#### TO DO
The lines below that include the word "VECTOR" are to be reported.

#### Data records
- - - -

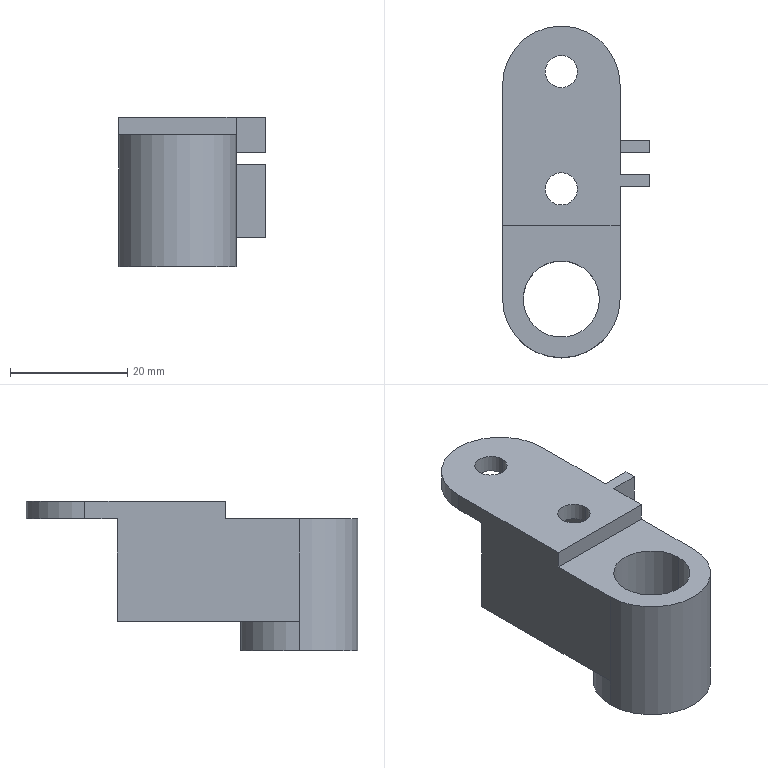Component | SolidWorks | CLS-MechanismAccessory1-1 | 1 solid | 31 faces | box 25 x 56.5 x 25.5 mm | volume 10042 mm3 | plane 21 | cylinder 10 | commonest cylinder face diameters 5.5 x4 20 x4 13 x2
STEP:
#1=COLOUR_RGB('',0.7922,0.8196,0.9333);
#2=FILL_AREA_STYLE_COLOUR('',#1);
#3=FILL_AREA_STYLE('',(#2));
#4=SURFACE_STYLE_FILL_AREA(#3);
#5=SURFACE_SIDE_STYLE('',(#4));
#6=SURFACE_STYLE_USAGE(.BOTH.,#5);
#7=PRESENTATION_STYLE_ASSIGNMENT((#6));
#8=CARTESIAN_POINT('',(-2.216,-0.1794,-0.1181));
#9=VERTEX_POINT('',#8);
#10=CARTESIAN_POINT('',(-2.432,-0.1794,-0.1181));
#11=VERTEX_POINT('',#10);
#12=CARTESIAN_POINT('',(-2.324,-0.1794,-0.1181));
#13=DIRECTION('',(-0.,0.,1.));
#14=DIRECTION('',(-1.,0.,0.));
#15=AXIS2_PLACEMENT_3D('',#12,#13,#14);
#16=CIRCLE('',#15,0.1083);
#17=EDGE_CURVE('',#9,#11,#16,.T.);
#18=ORIENTED_EDGE('',*,*,#17,.T.);
#19=CARTESIAN_POINT('',(-2.432,-0.1794,-0.2362));
#20=VERTEX_POINT('',#19);
#21=CARTESIAN_POINT('',(-2.432,-0.1794,-0.1181));
#22=DIRECTION('',(0.,-0.,-1.));
#23=VECTOR('',#22,39.37);
#24=LINE('',#21,#23);
#25=EDGE_CURVE('',#11,#20,#24,.T.);
#26=ORIENTED_EDGE('',*,*,#25,.T.);
#27=CARTESIAN_POINT('',(-2.216,-0.1794,-0.2362));
#28=VERTEX_POINT('',#27);
#29=CARTESIAN_POINT('',(-2.324,-0.1794,-0.2362));
#30=DIRECTION('',(0.,-0.,-1.));
#31=DIRECTION('',(1.,0.,0.));
#32=AXIS2_PLACEMENT_3D('',#29,#30,#31);
#33=CIRCLE('',#32,0.1083);
#34=EDGE_CURVE('',#20,#28,#33,.T.);
#35=ORIENTED_EDGE('',*,*,#34,.T.);
#36=CARTESIAN_POINT('',(-2.216,-0.1794,-0.1181));
#37=DIRECTION('',(0.,-0.,-1.));
#38=VECTOR('',#37,39.37);
#39=LINE('',#36,#38);
#40=EDGE_CURVE('',#9,#28,#39,.T.);
#41=ORIENTED_EDGE('',*,*,#40,.F.);
#42=EDGE_LOOP('',(#18,#26,#35,#41));
#43=FACE_OUTER_BOUND('',#42,.T.);
#44=CARTESIAN_POINT('',(-2.324,-0.1794,-0.1181));
#45=DIRECTION('',(0.,-0.,-1.));
#46=DIRECTION('',(1.,0.,0.));
#47=AXIS2_PLACEMENT_3D('',#44,#45,#46);
#48=CYLINDRICAL_SURFACE('',#47,0.1083);
#49=ADVANCED_FACE('',(#43),#48,.F.);
#50=CARTESIAN_POINT('',(-2.216,0.608,-0.1181));
#51=VERTEX_POINT('',#50);
#52=CARTESIAN_POINT('',(-2.432,0.608,-0.1181));
#53=VERTEX_POINT('',#52);
#54=CARTESIAN_POINT('',(-2.324,0.608,-0.1181));
#55=DIRECTION('',(-0.,0.,1.));
#56=DIRECTION('',(-1.,0.,0.));
#57=AXIS2_PLACEMENT_3D('',#54,#55,#56);
#58=CIRCLE('',#57,0.1083);
#59=EDGE_CURVE('',#51,#53,#58,.T.);
#60=ORIENTED_EDGE('',*,*,#59,.T.);
#61=CARTESIAN_POINT('',(-2.432,0.608,-0.2362));
#62=VERTEX_POINT('',#61);
#63=CARTESIAN_POINT('',(-2.432,0.608,-0.1181));
#64=DIRECTION('',(0.,-0.,-1.));
#65=VECTOR('',#64,39.37);
#66=LINE('',#63,#65);
#67=EDGE_CURVE('',#53,#62,#66,.T.);
#68=ORIENTED_EDGE('',*,*,#67,.T.);
#69=CARTESIAN_POINT('',(-2.216,0.608,-0.2362));
#70=VERTEX_POINT('',#69);
#71=CARTESIAN_POINT('',(-2.324,0.608,-0.2362));
#72=DIRECTION('',(0.,-0.,-1.));
#73=DIRECTION('',(1.,0.,0.));
#74=AXIS2_PLACEMENT_3D('',#71,#72,#73);
#75=CIRCLE('',#74,0.1083);
#76=EDGE_CURVE('',#62,#70,#75,.T.);
#77=ORIENTED_EDGE('',*,*,#76,.T.);
#78=CARTESIAN_POINT('',(-2.216,0.608,-0.1181));
#79=DIRECTION('',(0.,-0.,-1.));
#80=VECTOR('',#79,39.37);
#81=LINE('',#78,#80);
#82=EDGE_CURVE('',#51,#70,#81,.T.);
#83=ORIENTED_EDGE('',*,*,#82,.F.);
#84=EDGE_LOOP('',(#60,#68,#77,#83));
#85=FACE_OUTER_BOUND('',#84,.T.);
#86=CARTESIAN_POINT('',(-2.324,0.608,-0.1181));
#87=DIRECTION('',(0.,-0.,-1.));
#88=DIRECTION('',(1.,0.,0.));
#89=AXIS2_PLACEMENT_3D('',#86,#87,#88);
#90=CYLINDRICAL_SURFACE('',#89,0.1083);
#91=ADVANCED_FACE('',(#85),#90,.F.);
#92=CARTESIAN_POINT('',(-2.58,-0.9176,-0.2362));
#93=VERTEX_POINT('',#92);
#94=CARTESIAN_POINT('',(-2.068,-0.9176,-0.2362));
#95=VERTEX_POINT('',#94);
#96=CARTESIAN_POINT('',(-2.324,-0.9176,-0.2362));
#97=DIRECTION('',(0.,-0.,-1.));
#98=DIRECTION('',(1.,0.,0.));
#99=AXIS2_PLACEMENT_3D('',#96,#97,#98);
#100=CIRCLE('',#99,0.2559);
#101=EDGE_CURVE('',#93,#95,#100,.T.);
#102=ORIENTED_EDGE('',*,*,#101,.F.);
#103=CARTESIAN_POINT('',(-2.58,-0.9176,-1.122));
#104=VERTEX_POINT('',#103);
#105=CARTESIAN_POINT('',(-2.58,-0.9176,-0.2362));
#106=DIRECTION('',(0.,-0.,-1.));
#107=VECTOR('',#106,39.37);
#108=LINE('',#105,#107);
#109=EDGE_CURVE('',#93,#104,#108,.T.);
#110=ORIENTED_EDGE('',*,*,#109,.T.);
#111=CARTESIAN_POINT('',(-2.068,-0.9176,-1.122));
#112=VERTEX_POINT('',#111);
#113=CARTESIAN_POINT('',(-2.324,-0.9176,-1.122));
#114=DIRECTION('',(0.,-0.,-1.));
#115=DIRECTION('',(1.,0.,0.));
#116=AXIS2_PLACEMENT_3D('',#113,#114,#115);
#117=CIRCLE('',#116,0.2559);
#118=EDGE_CURVE('',#104,#112,#117,.T.);
#119=ORIENTED_EDGE('',*,*,#118,.T.);
#120=CARTESIAN_POINT('',(-2.068,-0.9176,-0.2362));
#121=DIRECTION('',(0.,-0.,-1.));
#122=VECTOR('',#121,39.37);
#123=LINE('',#120,#122);
#124=EDGE_CURVE('',#95,#112,#123,.T.);
#125=ORIENTED_EDGE('',*,*,#124,.F.);
#126=EDGE_LOOP('',(#102,#110,#119,#125));
#127=FACE_OUTER_BOUND('',#126,.T.);
#128=CARTESIAN_POINT('',(-2.324,-0.9176,-0.2362));
#129=DIRECTION('',(0.,-0.,-1.));
#130=DIRECTION('',(1.,0.,0.));
#131=AXIS2_PLACEMENT_3D('',#128,#129,#130);
#132=CYLINDRICAL_SURFACE('',#131,0.2559);
#133=ADVANCED_FACE('',(#127),#132,.F.);
#134=CARTESIAN_POINT('',(-1.93,-0.9176,-1.122));
#135=VERTEX_POINT('',#134);
#136=CARTESIAN_POINT('',(-2.718,-0.9176,-1.122));
#137=VERTEX_POINT('',#136);
#138=CARTESIAN_POINT('',(-2.324,-0.9176,-1.122));
#139=DIRECTION('',(0.,-0.,-1.));
#140=DIRECTION('',(1.,0.,0.));
#141=AXIS2_PLACEMENT_3D('',#138,#139,#140);
#142=CIRCLE('',#141,0.3937);
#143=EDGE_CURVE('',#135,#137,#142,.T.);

- - - -

#### ANSWER TO THIS EXERCISE
#23=VECTOR('',#22,39.37);
#38=VECTOR('',#37,39.37);
#65=VECTOR('',#64,39.37);
#80=VECTOR('',#79,39.37);
#107=VECTOR('',#106,39.37);
#122=VECTOR('',#121,39.37);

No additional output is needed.